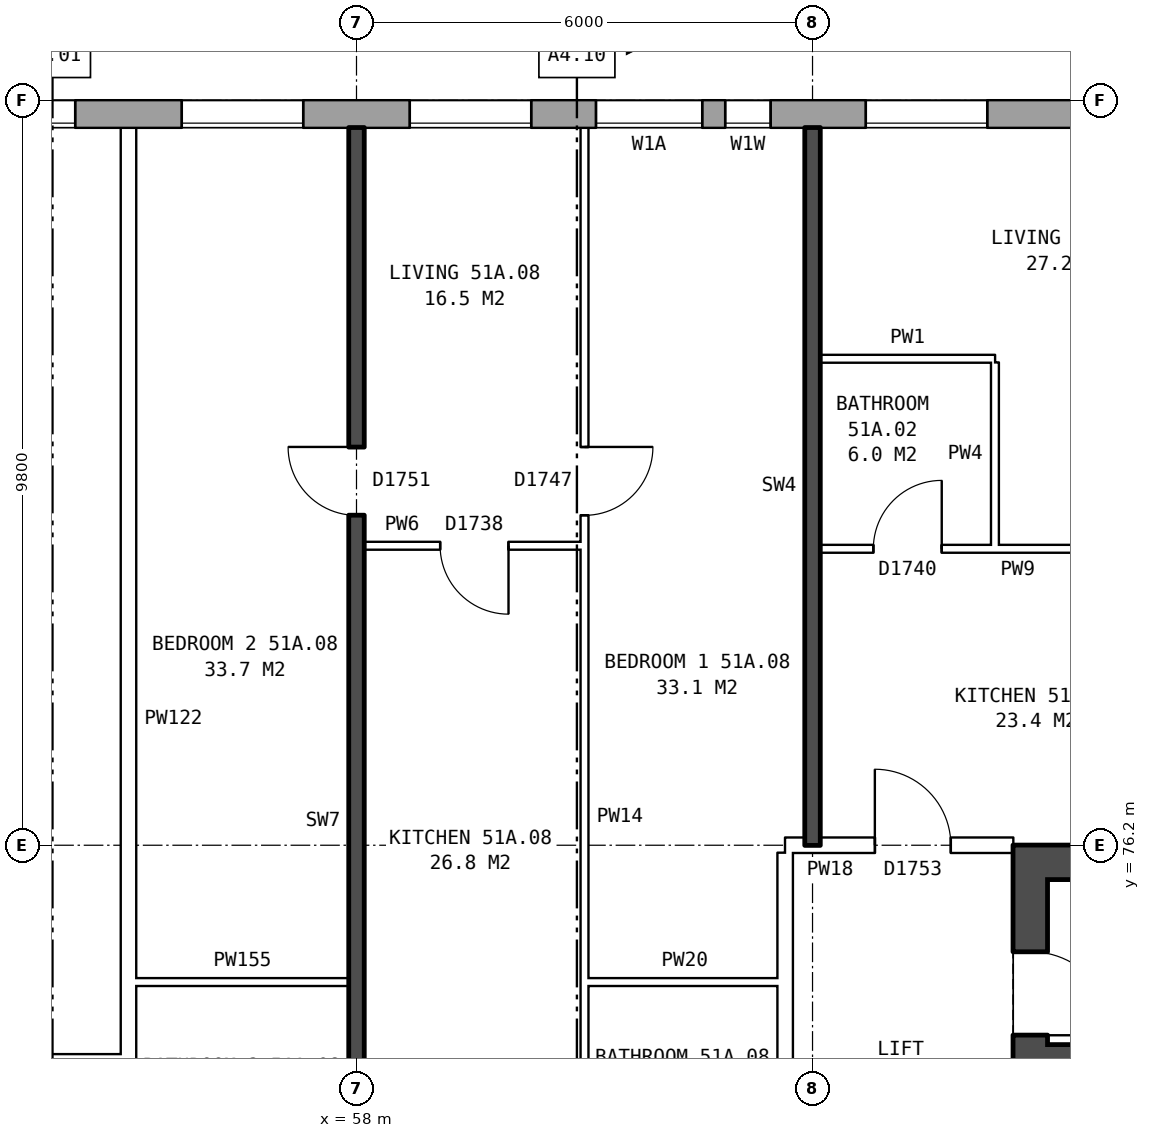
"""IFC4 building model, lengths in metres.
Left out: names, types, materials, properties, quantities, classifications, styles, units other than length and angle.
Written with IfcOpenShell. Run it as: python <this file> out.ifc"""

import sys

from ifc_helpers import new_model, si_unit, direction, frame, frame_2d, origin, place, context, subcontext, project, spatial, rectangle, extrude, element, fill, save


model = new_model("IFC4")
c1 = context("Model", 3, precision=1e-05, world=origin(), true_north=direction((0.0, 1.0)))
c2 = subcontext(c1, "Body", "Model", "MODEL_VIEW")
j1 = project(units=[si_unit("LENGTHUNIT", "METRE"), si_unit("PLANEANGLEUNIT", "RADIAN")], contexts=[c1])
p1 = place(None, origin())
s1 = spatial("IfcSite", under=j1, at=p1, CompositionType="ELEMENT")
p2 = place(p1, origin())
s2 = spatial("IfcBuilding", under=s1, at=p2, CompositionType="ELEMENT")
p3 = place(p2, frame((0.0, 0.0, 182.0)))
s3 = spatial("IfcBuildingStorey", under=s2, at=p3, CompositionType="ELEMENT", Elevation=182.0)
p4 = place(p3, frame((72.925, 85.82, 0.0), z_axis=(0.0, 0.0, 1.0), x_axis=(-1.0, 0.0, 0.0)))
e1 = element("IfcWall", 1, at=p4, inside=s3, PredefinedType="STANDARD", context=c2, shape_type="SweptSolid", body=[
    extrude(rectangle(XDim=39.601, YDim=0.36, at=frame_2d((19.8, 0.0))), origin(), (0.0, 0.0, 1.0), 2.85),
])
p5 = place(p4, frame((0.625, 0.0, 0.8)))
e2 = element("IfcOpeningElement", 2, at=p5, cuts=e1, PredefinedType="OPENING", context=c2, shape_type="SweptSolid", body=[
    extrude(rectangle(XDim=1.6, YDim=1.8, at=frame_2d((0.8, 0.9))), frame((0.0, 0.19, 0.0), z_axis=(0.0, -1.0, 0.0), x_axis=(1.0, 0.0, 0.0)), (0.0, 0.0, 1.0), 0.38),
])
p6 = place(p4, frame((3.625, 0.0, 0.8)))
e3 = element("IfcOpeningElement", 3, at=p6, cuts=e1, PredefinedType="OPENING", context=c2, shape_type="SweptSolid", body=[
    extrude(rectangle(XDim=1.6, YDim=1.8, at=frame_2d((0.8, 0.9))), frame((0.0, 0.19, 0.0), z_axis=(0.0, -1.0, 0.0), x_axis=(1.0, 0.0, 0.0)), (0.0, 0.0, 1.0), 0.38),
])
p7 = place(p4, frame((6.625, 0.0, 0.8)))
e4 = element("IfcOpeningElement", 4, at=p7, cuts=e1, PredefinedType="OPENING", context=c2, shape_type="SweptSolid", body=[
    extrude(rectangle(XDim=1.6, YDim=1.8, at=frame_2d((0.8, 0.9))), frame((0.0, 0.19, 0.0), z_axis=(0.0, -1.0, 0.0), x_axis=(1.0, 0.0, 0.0)), (0.0, 0.0, 1.0), 0.38),
])
p8 = place(p4, frame((9.475, 0.0, 0.35)))
e5 = element("IfcOpeningElement", 5, at=p8, cuts=e1, PredefinedType="OPENING", context=c2, shape_type="SweptSolid", body=[
    extrude(rectangle(XDim=0.6, YDim=0.9, at=frame_2d((0.3, 0.45))), frame((0.0, 0.19, 0.0), z_axis=(0.0, -1.0, 0.0), x_axis=(1.0, 0.0, 0.0)), (0.0, 0.0, 1.0), 0.38),
])
p9 = place(p4, frame((12.625, 0.0, 0.8)))
e6 = element("IfcOpeningElement", 6, at=p9, cuts=e1, PredefinedType="OPENING", context=c2, shape_type="SweptSolid", body=[
    extrude(rectangle(XDim=1.6, YDim=1.8, at=frame_2d((0.8, 0.9))), frame((0.0, 0.19, 0.0), z_axis=(0.0, -1.0, 0.0), x_axis=(1.0, 0.0, 0.0)), (0.0, 0.0, 1.0), 0.38),
])
p10 = place(p4, frame((15.625, 0.0, 0.8)))
e7 = element("IfcOpeningElement", 7, at=p10, cuts=e1, PredefinedType="OPENING", context=c2, shape_type="SweptSolid", body=[
    extrude(rectangle(XDim=1.6, YDim=1.8, at=frame_2d((0.8, 0.9))), frame((0.0, 0.19, 0.0), z_axis=(0.0, -1.0, 0.0), x_axis=(1.0, 0.0, 0.0)), (0.0, 0.0, 1.0), 0.38),
])
p11 = place(p4, frame((18.625, 0.0, 0.8)))
e8 = element("IfcOpeningElement", 8, at=p11, cuts=e1, PredefinedType="OPENING", context=c2, shape_type="SweptSolid", body=[
    extrude(rectangle(XDim=1.6, YDim=1.8, at=frame_2d((0.8, 0.9))), frame((0.0, 0.19, 0.0), z_axis=(0.0, -1.0, 0.0), x_axis=(1.0, 0.0, 0.0)), (0.0, 0.0, 1.0), 0.38),
])
p12 = place(p4, frame((21.625, 0.0, 0.8)))
e9 = element("IfcOpeningElement", 9, at=p12, cuts=e1, PredefinedType="OPENING", context=c2, shape_type="SweptSolid", body=[
    extrude(rectangle(XDim=1.6, YDim=1.8, at=frame_2d((0.8, 0.9))), frame((0.0, 0.19, 0.0), z_axis=(0.0, -1.0, 0.0), x_axis=(1.0, 0.0, 0.0)), (0.0, 0.0, 1.0), 0.38),
])
p13 = place(p4, frame((24.625, 0.0, 0.8)))
e10 = element("IfcOpeningElement", 10, at=p13, cuts=e1, PredefinedType="OPENING", context=c2, shape_type="SweptSolid", body=[
    extrude(rectangle(XDim=1.6, YDim=1.8, at=frame_2d((0.8, 0.9))), frame((0.0, 0.19, 0.0), z_axis=(0.0, -1.0, 0.0), x_axis=(1.0, 0.0, 0.0)), (0.0, 0.0, 1.0), 0.38),
])
p14 = place(p4, frame((27.125, 0.0, 0.8)))
e11 = element("IfcOpeningElement", 11, at=p14, cuts=e1, PredefinedType="OPENING", context=c2, shape_type="SweptSolid", body=[
    extrude(rectangle(XDim=1.6, YDim=1.8, at=frame_2d((0.8, 0.9))), frame((0.0, 0.19, 0.0), z_axis=(0.0, -1.0, 0.0), x_axis=(1.0, 0.0, 0.0)), (0.0, 0.0, 1.0), 0.38),
])
p15 = place(p4, frame((29.025, 0.0, 0.8)))
e12 = element("IfcOpeningElement", 12, at=p15, cuts=e1, PredefinedType="OPENING", context=c2, shape_type="SweptSolid", body=[
    extrude(rectangle(XDim=0.6, YDim=0.9, at=frame_2d((0.3, 0.45))), frame((0.0, 0.19, 0.0), z_axis=(0.0, -1.0, 0.0), x_axis=(1.0, 0.0, 0.0)), (0.0, 0.0, 1.0), 0.38),
])
p16 = place(p4, frame((33.625, 0.0, 0.8)))
e13 = element("IfcOpeningElement", 13, at=p16, cuts=e1, PredefinedType="OPENING", context=c2, shape_type="SweptSolid", body=[
    extrude(rectangle(XDim=1.6, YDim=1.8, at=frame_2d((0.8, 0.9))), frame((0.0, 0.19, 0.0), z_axis=(0.0, -1.0, 0.0), x_axis=(1.0, 0.0, 0.0)), (0.0, 0.0, 1.0), 0.38),
])
p17 = place(p4, frame((36.625, 0.0, 0.8)))
e14 = element("IfcOpeningElement", 14, at=p17, cuts=e1, PredefinedType="OPENING", context=c2, shape_type="SweptSolid", body=[
    extrude(rectangle(XDim=1.6, YDim=1.8, at=frame_2d((0.8, 0.9))), frame((0.0, 0.19, 0.0), z_axis=(0.0, -1.0, 0.0), x_axis=(1.0, 0.0, 0.0)), (0.0, 0.0, 1.0), 0.38),
])
p18 = place(p4, frame((10.375, 0.0, 0.35)))
e15 = element("IfcOpeningElement", 15, at=p18, cuts=e1, PredefinedType="OPENING", context=c2, shape_type="SweptSolid", body=[
    extrude(rectangle(XDim=1.4, YDim=1.8, at=frame_2d((0.7, 0.9))), frame((0.0, 0.19, 0.0), z_axis=(0.0, -1.0, 0.0), x_axis=(1.0, 0.0, 0.0)), (0.0, 0.0, 1.0), 0.38),
])
p19 = place(p4, frame((30.775, 0.0, 1.7)))
e16 = element("IfcOpeningElement", 16, at=p19, cuts=e1, PredefinedType="OPENING", context=c2, shape_type="SweptSolid", body=[
    extrude(rectangle(XDim=0.6, YDim=0.9, at=frame_2d((0.3, 0.45))), frame((0.0, 0.19, 0.0), z_axis=(0.0, -1.0, 0.0), x_axis=(1.0, 0.0, 0.0)), (0.0, 0.0, 1.0), 0.38),
])
p20 = place(p4, frame((31.675, 0.0, 0.8)))
e17 = element("IfcOpeningElement", 17, at=p20, cuts=e1, PredefinedType="OPENING", context=c2, shape_type="SweptSolid", body=[
    extrude(rectangle(XDim=1.0, YDim=1.8, at=frame_2d((0.5, 0.9))), frame((0.0, 0.19, 0.0), z_axis=(0.0, -1.0, 0.0), x_axis=(1.0, 0.0, 0.0)), (0.0, 0.0, 1.0), 0.38),
])
p21 = place(p3, frame((66.865, 63.8, 0.0), z_axis=(0.0, 0.0, 1.0), x_axis=(0.0, 1.0, 0.0)))
e18 = element("IfcWall", 18, at=p21, inside=s3, PredefinedType="SHEAR", context=c2, shape_type="SweptSolid", body=[
    extrude(rectangle(XDim=12.4, YDim=0.45, at=frame_2d((6.2, 0.0))), origin(), (0.0, 0.0, 1.0), 2.85),
])
p22 = place(p21, frame((1.325, 0.0, 0.0)))
e19 = element("IfcOpeningElement", 19, at=p22, cuts=e18, PredefinedType="OPENING", context=c2, shape_type="SweptSolid", body=[
    extrude(rectangle(XDim=1.1, YDim=2.1, at=frame_2d((0.55, 1.05))), frame((0.0, 0.235, 0.0), z_axis=(0.0, -1.0, 0.0), x_axis=(1.0, 0.0, 0.0)), (0.0, 0.0, 1.0), 0.47),
])
p23 = place(p21, frame((3.6, 0.0, 0.0)))
e20 = element("IfcOpeningElement", 20, at=p23, cuts=e18, PredefinedType="OPENING", context=c2, shape_type="SweptSolid", body=[
    extrude(rectangle(XDim=1.1, YDim=2.1, at=frame_2d((0.55, 1.05))), frame((0.0, 0.235, 0.0), z_axis=(0.0, -1.0, 0.0), x_axis=(1.0, 0.0, 0.0)), (0.0, 0.0, 1.0), 0.47),
])
p24 = place(p21, frame((5.8, 0.0, 0.0)))
e21 = element("IfcOpeningElement", 21, at=p24, cuts=e18, PredefinedType="OPENING", context=c2, shape_type="SweptSolid", body=[
    extrude(rectangle(XDim=1.1, YDim=2.1, at=frame_2d((0.55, 1.05))), frame((0.0, 0.235, 0.0), z_axis=(0.0, -1.0, 0.0), x_axis=(1.0, 0.0, 0.0)), (0.0, 0.0, 1.0), 0.47),
])
p25 = place(p21, frame((8.0, 0.0, 0.0)))
e22 = element("IfcOpeningElement", 22, at=p25, cuts=e18, PredefinedType="OPENING", context=c2, shape_type="SweptSolid", body=[
    extrude(rectangle(XDim=1.1, YDim=2.1, at=frame_2d((0.55, 1.05))), frame((0.0, 0.235, 0.0), z_axis=(0.0, -1.0, 0.0), x_axis=(1.0, 0.0, 0.0)), (0.0, 0.0, 1.0), 0.47),
])
p26 = place(p21, frame((9.9, 0.0, 0.0)))
e23 = element("IfcOpeningElement", 23, at=p26, cuts=e18, PredefinedType="OPENING", context=c2, shape_type="SweptSolid", body=[
    extrude(rectangle(XDim=1.1, YDim=2.1, at=frame_2d((0.55, 1.05))), frame((0.0, 0.235, 0.0), z_axis=(0.0, -1.0, 0.0), x_axis=(1.0, 0.0, 0.0)), (0.0, 0.0, 1.0), 0.47),
])
p27 = place(p3, frame((67.09, 75.975, 0.0), z_axis=(0.0, 0.0, 1.0), x_axis=(1.0, 0.0, 0.0)))
e24 = element("IfcWall", 24, at=p27, inside=s3, PredefinedType="SHEAR", context=c2, shape_type="SweptSolid", body=[
    extrude(rectangle(XDim=8.1, YDim=0.45, at=frame_2d((4.05, 0.0))), origin(), (0.0, 0.0, 1.0), 2.85),
])
p28 = place(p3, frame((67.09, 73.45, 0.0), z_axis=(0.0, 0.0, 1.0), x_axis=(1.0, 0.0, 0.0)))
e25 = element("IfcWall", 25, at=p28, inside=s3, PredefinedType="SHEAR", context=c2, shape_type="SweptSolid", body=[
    extrude(rectangle(XDim=2.475, YDim=0.25, at=frame_2d((1.237, 0.0))), origin(), (0.0, 0.0, 1.0), 2.85),
])
p29 = place(p3, frame((63.64, 63.9, 0.0), z_axis=(0.0, 0.0, 1.0), x_axis=(0.0, 1.0, 0.0)))
e26 = element("IfcWall", 26, at=p29, inside=s3, PredefinedType="PARTITIONING", context=c2, shape_type="SweptSolid", body=[
    extrude(rectangle(XDim=12.2, YDim=0.2, at=frame_2d((6.1, 0.0))), origin(), (0.0, 0.0, 1.0), 2.85),
])
p30 = place(p29, frame((5.1, 0.0, 0.0)))
e27 = element("IfcOpeningElement", 27, at=p30, cuts=e26, PredefinedType="OPENING", context=c2, shape_type="SweptSolid", body=[
    extrude(rectangle(XDim=2.0, YDim=2.1, at=frame_2d((1.0, 1.05))), frame((0.0, 0.11, 0.0), z_axis=(0.0, -1.0, 0.0), x_axis=(1.0, 0.0, 0.0)), (0.0, 0.0, 1.0), 0.22),
])
for number, where, z_axis, x_axis in (
    (28, (52.1, 73.4, 0.0), (0.0, 0.0, 1.0), (1.0, 0.0, 0.0)),
    (29, (55.1, 74.4, 0.0), (0.0, 0.0, 1.0), (1.0, 0.0, 0.0)),
):
    element("IfcWall", number, at=place(p3, frame(where, z_axis=z_axis, x_axis=x_axis)), inside=s3, PredefinedType="PARTITIONING", context=c2, shape_type="SweptSolid", body=[
        extrude(rectangle(XDim=2.8, YDim=0.1, at=frame_2d((1.4, 0.0))), origin(), (0.0, 0.0, 1.0), 2.85),
    ])
p31 = place(p3, frame((61.0, 74.4, 0.0), z_axis=(0.0, 0.0, 1.0), x_axis=(1.0, 0.0, 0.0)))
e30 = element("IfcWall", 30, at=p31, inside=s3, PredefinedType="PARTITIONING", context=c2, shape_type="SweptSolid", body=[
    extrude(rectangle(XDim=2.64, YDim=0.1, at=frame_2d((1.32, 0.0))), origin(), (0.0, 0.0, 1.0), 2.85),
])
p32 = place(p3, frame((63.64, 76.2, 0.0), z_axis=(0.0, 0.0, 1.0), x_axis=(1.0, 0.0, 0.0)))
e31 = element("IfcWall", 31, at=p32, inside=s3, PredefinedType="PARTITIONING", context=c2, shape_type="SweptSolid", body=[
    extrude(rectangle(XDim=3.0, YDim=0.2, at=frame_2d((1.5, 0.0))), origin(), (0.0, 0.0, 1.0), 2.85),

▶ _Work task_: Scan the data above. Return every line with "number" in it.

▶ _Response box_:
for number, where, z_axis, x_axis in (
    element("IfcWall", number, at=place(p3, frame(where, z_axis=z_axis, x_axis=x_axis)), inside=s3, PredefinedType="PARTITIONING", context=c2, shape_type="SweptSolid", body=[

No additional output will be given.